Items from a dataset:
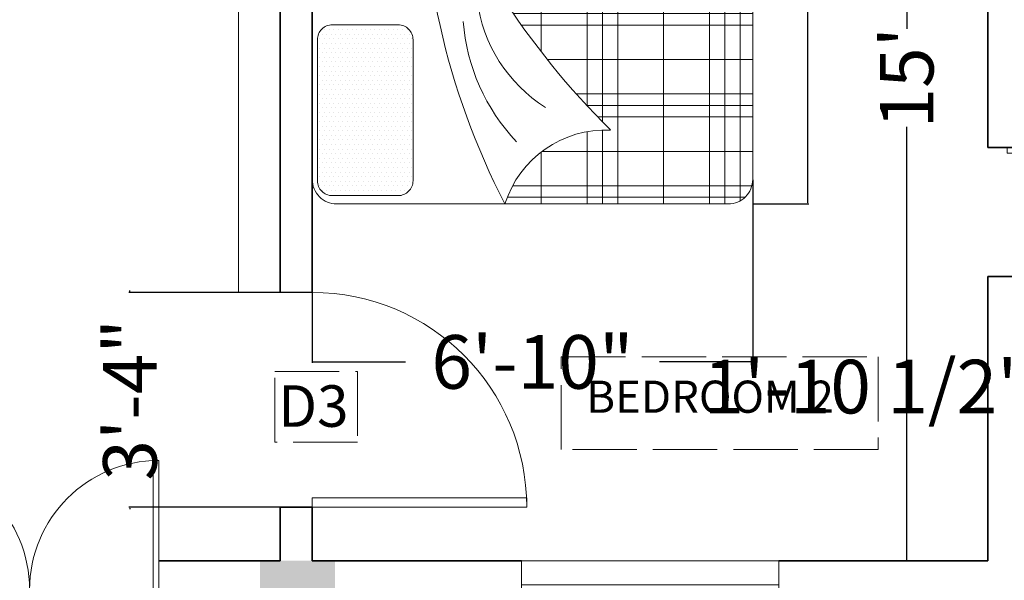
# Model space of a CAD drawing. Units: inches. Extents: x -269 to 4574, y -694 to 313.
# Tile 4 of 19: x 208 to 391, y -360 to -256. Entities that reach past the tile are written whole.
import ezdxf

# ---------------------------------------------------------------- set-up
doc = ezdxf.new("R2010")
doc.units = ezdxf.units.IN
doc.header["$MEASUREMENT"] = 0
doc.linetypes.add('ACAD_ISO02W100', pattern=[15, 12, -3])
for name, color, linetype, lineweight in [('A-ANNO-FRAM', 7, 'ACAD_ISO02W100', 13), ('A-ANNO-IDEN', 6, 'Continuous', 18), ('A-AREA-IDEN', 6, 'Continuous', 20), ('A-COLS', 5, 'Continuous', 35), ('A-FLOR-CASE', 2, 'Continuous', 18), ('A-FURN', 2, 'Continuous', 18), ('DIMENSION', 5, 'Continuous', 18), ('DOORS', 3, 'Continuous', 18), ('WALL', 1, 'Continuous', 35), ('WINDOWS', 2, 'Continuous', 18)]:
    doc.layers.add(name, color=color, linetype=linetype, lineweight=lineweight)
doc.dimstyles.get("Standard").update_dxf_attribs({"dimtxt": 10, "dimasz": 0.18, "dimexe": 0.18, "dimexo": 0.0625, "dimgap": 0.09, "dimtad": 0, "dimdec": 1, "dimzin": 0, "dimdsep": 46, "dimlunit": 3, "dimtxsty": 'Standard', "dimcen": 0.09, "dimclrt": 7, "dimadec": 0, "dimazin": 0, "dimtfac": 1, "dimtdec": 1, "dimtofl": 0, "dimtmove": 0, "dimatfit": 3, "dimfxl": 1, "dimtolj": 1, "dimtzin": 0, "dimarcsym": 0})

# ---------------------------------------------------------------- blocks, each defined once
blk = doc.blocks.new('*U3')
for p, q in [((0, 0), (0, -6)), ((40, 0), (40, -6))]:
    blk.add_line(p, q)
blk.add_lwpolyline([(0, 0), (0, 40), (1.75, 40), (1.75, 0)], close=True)
blk.add_arc((0, 0), 40, 0, 90)
blk = doc.blocks.new('*X12')
at = {"color": 0}
for p, q in [((266.0625, 456.84375), (266.0625, 456.84375)), ((266.25, 456.9375), (266.25, 456.9375)), ((266.25, 456.75), (266.25, 456.75)), ((266.4375, 457.03125), (266.4375, 457.03125)), ((266.4375, 456.84375), (266.4375, 456.84375)), ((266.625, 456.9375), (266.625, 456.9375)), ((266.625, 456.75), (266.625, 456.75)), ((266.8125, 457.03125), (266.8125, 457.03125)), ((266.8125, 456.84375), (266.8125, 456.84375)), ((267, 456.9375), (267, 456.9375)), ((267, 456.75), (267, 456.75)), ((267.1875, 457.03125), (267.1875, 457.03125)), ((267.1875, 456.84375), (267.1875, 456.84375)), ((267.375, 456.9375), (267.375, 456.9375)), ((267.375, 456.75), (267.375, 456.75)), ((267.5625, 457.03125), (267.5625, 457.03125)), ((267.5625, 456.84375), (267.5625, 456.84375)), ((267.75, 456.9375), (267.75, 456.9375)), ((267.75, 456.75), (267.75, 456.75)), ((267.9375, 457.03125), (267.9375, 457.03125)), ((267.9375, 456.84375), (267.9375, 456.84375)), ((268.125, 456.9375), (268.125, 456.9375)), ((268.125, 456.75), (268.125, 456.75)), ((268.3125, 457.03125), (268.3125, 457.03125)), ((268.3125, 456.84375), (268.3125, 456.84375)), ((268.5, 456.9375), (268.5, 456.9375)), ((268.5, 456.75), (268.5, 456.75)), ((268.6875, 457.03125), (268.6875, 457.03125)), ((268.6875, 456.84375), (268.6875, 456.84375)), ((268.875, 456.9375), (268.875, 456.9375)), ((268.875, 456.75), (268.875, 456.75)), ((269.0625, 457.03125), (269.0625, 457.03125)), ((269.0625, 456.84375), (269.0625, 456.84375)), ((269.25, 456.9375), (269.25, 456.9375)), ((269.25, 456.75), (269.25, 456.75)), ((269.4375, 457.03125), (269.4375, 457.03125)), ((269.4375, 456.84375), (269.4375, 456.84375)), ((269.625, 456.9375), (269.625, 456.9375)), ((269.625, 456.75), (269.625, 456.75)), ((269.8125, 457.03125), (269.8125, 457.03125)), ((269.8125, 456.84375), (269.8125, 456.84375)), ((270, 456.9375), (270, 456.9375)), ((270, 456.75), (270, 456.75)), ((270.1875, 457.03125), (270.1875, 457.03125)), ((270.1875, 456.84375), (270.1875, 456.84375)), ((270.375, 456.9375), (270.375, 456.9375)), ((270.375, 456.75), (270.375, 456.75)), ((270.5625, 457.03125), (270.5625, 457.03125)), ((270.5625, 456.84375), (270.5625, 456.84375)), ((270.75, 456.9375), (270.75, 456.9375)), ((270.75, 456.75), (270.75, 456.75)), ((270.9375, 457.03125), (270.9375, 457.03125)), ((270.9375, 456.84375), (270.9375, 456.84375)), ((271.125, 456.9375), (271.125, 456.9375)), ((271.125, 456.75), (271.125, 456.75)), ((271.3125, 457.03125), (271.3125, 457.03125)), ((271.3125, 456.84375), (271.3125, 456.84375)), ((271.5, 456.9375), (271.5, 456.9375)), ((271.5, 456.75), (271.5, 456.75)), ((271.6875, 457.03125), (271.6875, 457.03125)), ((271.6875, 456.84375), (271.6875, 456.84375)), ((271.875, 456.9375), (271.875, 456.9375)), ((271.875, 456.75), (271.875, 456.75)), ((272.0625, 457.03125), (272.0625, 457.03125)), ((272.0625, 456.84375), (272.0625, 456.84375)), ((272.25, 456.9375), (272.25, 456.9375)), ((272.25, 456.75), (272.25, 456.75)), ((272.4375, 456.84375), (272.4375, 456.84375)), ((272.625, 456.75), (272.625, 456.75)), ((265.875, 456.5625), (265.875, 456.5625)), ((265.875, 456.375), (265.875, 456.375)), ((266.0625, 456.65625), (266.0625, 456.65625)), ((266.0625, 456.46875), (266.0625, 456.46875)), ((266.0625, 456.28125), (266.0625, 456.28125)), ((266.25, 456.5625), (266.25, 456.5625)), ((266.25, 456.375), (266.25, 456.375)), ((266.4375, 456.65625), (266.4375, 456.65625)), ((266.4375, 456.46875), (266.4375, 456.46875)), ((266.4375, 456.28125), (266.4375, 456.28125)), ((266.625, 456.5625), (266.625, 456.5625)), ((266.625, 456.375), (266.625, 456.375)), ((266.8125, 456.65625), (266.8125, 456.65625)), ((266.8125, 456.46875), (266.8125, 456.46875)), ((266.8125, 456.28125), (266.8125, 456.28125)), ((267, 456.5625), (267, 456.5625)), ((267, 456.375), (267, 456.375)), ((267.1875, 456.65625), (267.1875, 456.65625)), ((267.1875, 456.46875), (267.1875, 456.46875)), ((267.1875, 456.28125), (267.1875, 456.28125)), ((267.375, 456.5625), (267.375, 456.5625)), ((267.375, 456.375), (267.375, 456.375)), ((267.5625, 456.65625), (267.5625, 456.65625)), ((267.5625, 456.46875), (267.5625, 456.46875)), ((267.5625, 456.28125), (267.5625, 456.28125)), ((267.75, 456.5625), (267.75, 456.5625)), ((267.75, 456.375), (267.75, 456.375)), ((267.9375, 456.65625), (267.9375, 456.65625)), ((267.9375, 456.46875), (267.9375, 456.46875)), ((267.9375, 456.28125), (267.9375, 456.28125)), ((268.125, 456.5625), (268.125, 456.5625)), ((268.125, 456.375), (268.125, 456.375)), ((268.3125, 456.65625), (268.3125, 456.65625)), ((268.3125, 456.46875), (268.3125, 456.46875)), ((268.3125, 456.28125), (268.3125, 456.28125)), ((268.5, 456.5625), (268.5, 456.5625)), ((268.5, 456.375), (268.5, 456.375)), ((268.6875, 456.65625), (268.6875, 456.65625)), ((268.6875, 456.46875), (268.6875, 456.46875)), ((268.6875, 456.28125), (268.6875, 456.28125)), ((268.875, 456.5625), (268.875, 456.5625)), ((268.875, 456.375), (268.875, 456.375)), ((269.0625, 456.65625), (269.0625, 456.65625)), ((269.0625, 456.46875), (269.0625, 456.46875)), ((269.0625, 456.28125), (269.0625, 456.28125)), ((269.25, 456.5625), (269.25, 456.5625)), ((269.25, 456.375), (269.25, 456.375)), ((269.4375, 456.65625), (269.4375, 456.65625)), ((269.4375, 456.46875), (269.4375, 456.46875)), ((269.4375, 456.28125), (269.4375, 456.28125)), ((269.625, 456.5625), (269.625, 456.5625)), ((269.625, 456.375), (269.625, 456.375)), ((269.8125, 456.65625), (269.8125, 456.65625)), ((269.8125, 456.46875), (269.8125, 456.46875)), ((269.8125, 456.28125), (269.8125, 456.28125)), ((270, 456.5625), (270, 456.5625)), ((270, 456.375), (270, 456.375)), ((270.1875, 456.65625), (270.1875, 456.65625)), ((270.1875, 456.46875), (270.1875, 456.46875)), ((270.1875, 456.28125), (270.1875, 456.28125)), ((270.375, 456.5625), (270.375, 456.5625)), ((270.375, 456.375), (270.375, 456.375)), ((270.5625, 456.65625), (270.5625, 456.65625)), ((270.5625, 456.46875), (270.5625, 456.46875)), ((270.5625, 456.28125), (270.5625, 456.28125)), ((270.75, 456.5625), (270.75, 456.5625)), ((270.75, 456.375), (270.75, 456.375)), ((270.9375, 456.65625), (270.9375, 456.65625)), ((270.9375, 456.46875), (270.9375, 456.46875)), ((270.9375, 456.28125), (270.9375, 456.28125)), ((271.125, 456.5625), (271.125, 456.5625)), ((271.125, 456.375), (271.125, 456.375)), ((271.3125, 456.65625), (271.3125, 456.65625)), ((271.3125, 456.46875), (271.3125, 456.46875)), ((271.3125, 456.28125), (271.3125, 456.28125)), ((271.5, 456.5625), (271.5, 456.5625)), ((271.5, 456.375), (271.5, 456.375)), ((271.6875, 456.65625), (271.6875, 456.65625)), ((271.6875, 456.46875), (271.6875, 456.46875)), ((271.6875, 456.28125), (271.6875, 456.28125)), ((271.875, 456.5625), (271.875, 456.5625)), ((271.875, 456.375), (271.875, 456.375)), ((272.0625, 456.65625), (272.0625, 456.65625)), ((272.0625, 456.46875), (272.0625, 456.46875)), ((272.0625, 456.28125), (272.0625, 456.28125)), ((272.25, 456.5625), (272.25, 456.5625)), ((272.25, 456.375), (272.25, 456.375)), ((272.4375, 456.65625), (272.4375, 456.65625)), ((272.4375, 456.46875), (272.4375, 456.46875)), ((272.4375, 456.28125), (272.4375, 456.28125)), ((272.625, 456.5625), (272.625, 456.5625)), ((272.625, 456.375), (272.625, 456.375)), ((272.8125, 456.46875), (272.8125, 456.46875)), ((272.8125, 456.28125), (272.8125, 456.28125)), ((265.875, 456.1875), (265.875, 456.1875)), ((265.875, 456), (265.875, 456)), ((266.0625, 456.09375), (266.0625, 456.09375)), ((266.0625, 455.90625), (266.0625, 455.90625)), ((266.25, 456.1875), (266.25, 456.1875)), ((266.25, 456), (266.25, 456)), ((266.4375, 456.09375), (266.4375, 456.09375)), ((266.4375, 455.90625), (266.4375, 455.90625)), ((266.625, 456.1875), (266.625, 456.1875)), ((266.625, 456), (266.625, 456)), ((266.8125, 456.09375), (266.8125, 456.09375)), ((266.8125, 455.90625), (266.8125, 455.90625)), ((267, 456.1875), (267, 456.1875)), ((267, 456), (267, 456)), ((267.1875, 456.09375), (267.1875, 456.09375)), ((267.1875, 455.90625), (267.1875, 455.90625)), ((267.375, 456.1875), (267.375, 456.1875)), ((267.375, 456), (267.375, 456)), ((267.5625, 456.09375), (267.5625, 456.09375)), ((267.5625, 455.90625), (267.5625, 455.90625)), ((267.75, 456.1875), (267.75, 456.1875)), ((267.75, 456), (267.75, 456)), ((267.9375, 456.09375), (267.9375, 456.09375)), ((267.9375, 455.90625), (267.9375, 455.90625)), ((268.125, 456.1875), (268.125, 456.1875)), ((268.125, 456), (268.125, 456)), ((268.3125, 456.09375), (268.3125, 456.09375)), ((268.3125, 455.90625), (268.3125, 455.90625)), ((268.5, 456.1875), (268.5, 456.1875)), ((268.5, 456), (268.5, 456)), ((268.6875, 456.09375), (268.6875, 456.09375)), ((268.6875, 455.90625), (268.6875, 455.90625)), ((268.875, 456.1875), (268.875, 456.1875)), ((268.875, 456), (268.875, 456)), ((269.0625, 456.09375), (269.0625, 456.09375)), ((269.0625, 455.90625), (269.0625, 455.90625)), ((269.25, 456.1875), (269.25, 456.1875)), ((269.25, 456), (269.25, 456)), ((269.4375, 456.09375), (269.4375, 456.09375)), ((269.4375, 455.90625), (269.4375, 455.90625)), ((269.625, 456.1875), (269.625, 456.1875)), ((269.625, 456), (269.625, 456)), ((269.8125, 456.09375), (269.8125, 456.09375)), ((269.8125, 455.90625), (269.8125, 455.90625)), ((270, 456.1875), (270, 456.1875)), ((270, 456), (270, 456)), ((270.1875, 456.09375), (270.1875, 456.09375)), ((270.1875, 455.90625), (270.1875, 455.90625)), ((270.375, 456.1875), (270.375, 456.1875)), ((270.375, 456), (270.375, 456)), ((270.5625, 456.09375), (270.5625, 456.09375)), ((270.5625, 455.90625), (270.5625, 455.90625)), ((270.75, 456.1875), (270.75, 456.1875)), ((270.75, 456), (270.75, 456)), ((270.9375, 456.09375), (270.9375, 456.09375)), ((270.9375, 455.90625), (270.9375, 455.90625)), ((271.125, 456.1875), (271.125, 456.1875)), ((271.125, 456), (271.125, 456)), ((271.3125, 456.09375), (271.3125, 456.09375)), ((271.3125, 455.90625), (271.3125, 455.90625)), ((271.5, 456.1875), (271.5, 456.1875)), ((271.5, 456), (271.5, 456)), ((271.6875, 456.09375), (271.6875, 456.09375)), ((271.6875, 455.90625), (271.6875, 455.90625)), ((271.875, 456.1875), (271.875, 456.1875)), ((271.875, 456), (271.875, 456)), ((272.0625, 456.09375), (272.0625, 456.09375)), ((272.0625, 455.90625), (272.0625, 455.90625)), ((272.25, 456.1875), (272.25, 456.1875)), ((272.25, 456), (272.25, 456)), ((272.4375, 456.09375), (272.4375, 456.09375)), ((272.4375, 455.90625), (272.4375, 455.90625)), ((272.625, 456.1875), (272.625, 456.1875)), ((272.625, 456), (272.625, 456)), ((272.8125, 456.09375), (272.8125, 456.09375)), ((272.8125, 455.90625), (272.8125, 455.90625)), ((265.875, 455.8125), (265.875, 455.8125)), ((265.875, 455.625), (265.875, 455.625)), ((266.0625, 455.71875), (266.0625, 455.71875)), ((266.0625, 455.53125), (266.0625, 455.53125)), ((266.25, 455.8125), (266.25, 455.8125)), ((266.25, 455.625), (266.25, 455.625)), ((266.4375, 455.71875), (266.4375, 455.71875)), ((266.4375, 455.53125), (266.4375, 455.53125)), ((266.625, 455.8125), (266.625, 455.8125)), ((266.625, 455.625), (266.625, 455.625)), ((266.8125, 455.71875), (266.8125, 455.71875)), ((266.8125, 455.53125), (266.8125, 455.53125)), ((267, 455.8125), (267, 455.8125)), ((267, 455.625), (267, 455.625)), ((267.1875, 455.71875), (267.1875, 455.71875)), ((267.1875, 455.53125), (267.1875, 455.53125)), ((267.375, 455.8125), (267.375, 455.8125)), ((267.375, 455.625), (267.375, 455.625)), ((267.5625, 455.71875), (267.5625, 455.71875)), ((267.5625, 455.53125), (267.5625, 455.53125)), ((267.75, 455.8125), (267.75, 455.8125)), ((267.75, 455.625), (267.75, 455.625)), ((267.9375, 455.71875), (267.9375, 455.71875)), ((267.9375, 455.53125), (267.9375, 455.53125)), ((268.125, 455.8125), (268.125, 455.8125)), ((268.125, 455.625), (268.125, 455.625)), ((268.3125, 455.71875), (268.3125, 455.71875)), ((268.3125, 455.53125), (268.3125, 455.53125)), ((268.5, 455.8125), (268.5, 455.8125)), ((268.5, 455.625), (268.5, 455.625)), ((268.6875, 455.71875), (268.6875, 455.71875)), ((268.6875, 455.53125), (268.6875, 455.53125)), ((268.875, 455.8125), (268.875, 455.8125)), ((268.875, 455.625), (268.875, 455.625)), ((269.0625, 455.71875), (269.0625, 455.71875)), ((269.0625, 455.53125), (269.0625, 455.53125)), ((269.25, 455.8125), (269.25, 455.8125)), ((269.25, 455.625), (269.25, 455.625)), ((269.4375, 455.71875), (269.4375, 455.71875)), ((269.4375, 455.53125), (269.4375, 455.53125)), ((269.625, 455.8125), (269.625, 455.8125)), ((269.625, 455.625), (269.625, 455.625)), ((269.8125, 455.71875), (269.8125, 455.71875)), ((269.8125, 455.53125), (269.8125, 455.53125)), ((270, 455.8125), (270, 455.8125)), ((270, 455.625), (270, 455.625)), ((270.1875, 455.71875), (270.1875, 455.71875)), ((270.1875, 455.53125), (270.1875, 455.53125)), ((270.375, 455.8125), (270.375, 455.8125)), ((270.375, 455.625), (270.375, 455.625)), ((270.5625, 455.71875), (270.5625, 455.71875)), ((270.5625, 455.53125), (270.5625, 455.53125)), ((270.75, 455.8125), (270.75, 455.8125)), ((270.75, 455.625), (270.75, 455.625)), ((270.9375, 455.71875), (270.9375, 455.71875)), ((270.9375, 455.53125), (270.9375, 455.53125)), ((271.125, 455.8125), (271.125, 455.8125)), ((271.125, 455.625), (271.125, 455.625)), ((271.3125, 455.71875), (271.3125, 455.71875)), ((271.3125, 455.53125), (271.3125, 455.53125)), ((271.5, 455.8125), (271.5, 455.8125)), ((271.5, 455.625), (271.5, 455.625)), ((271.6875, 455.71875), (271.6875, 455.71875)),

## EXERCISE BRIEF
Quote the records above exactly, from the first line through the line containing "import ezdxf", and leave out the pictures.

## REPLY
# Model space of a CAD drawing. Units: inches. Extents: x -269 to 4574, y -694 to 313.
# Tile 4 of 19: x 208 to 391, y -360 to -256. Entities that reach past the tile are written whole.
import ezdxf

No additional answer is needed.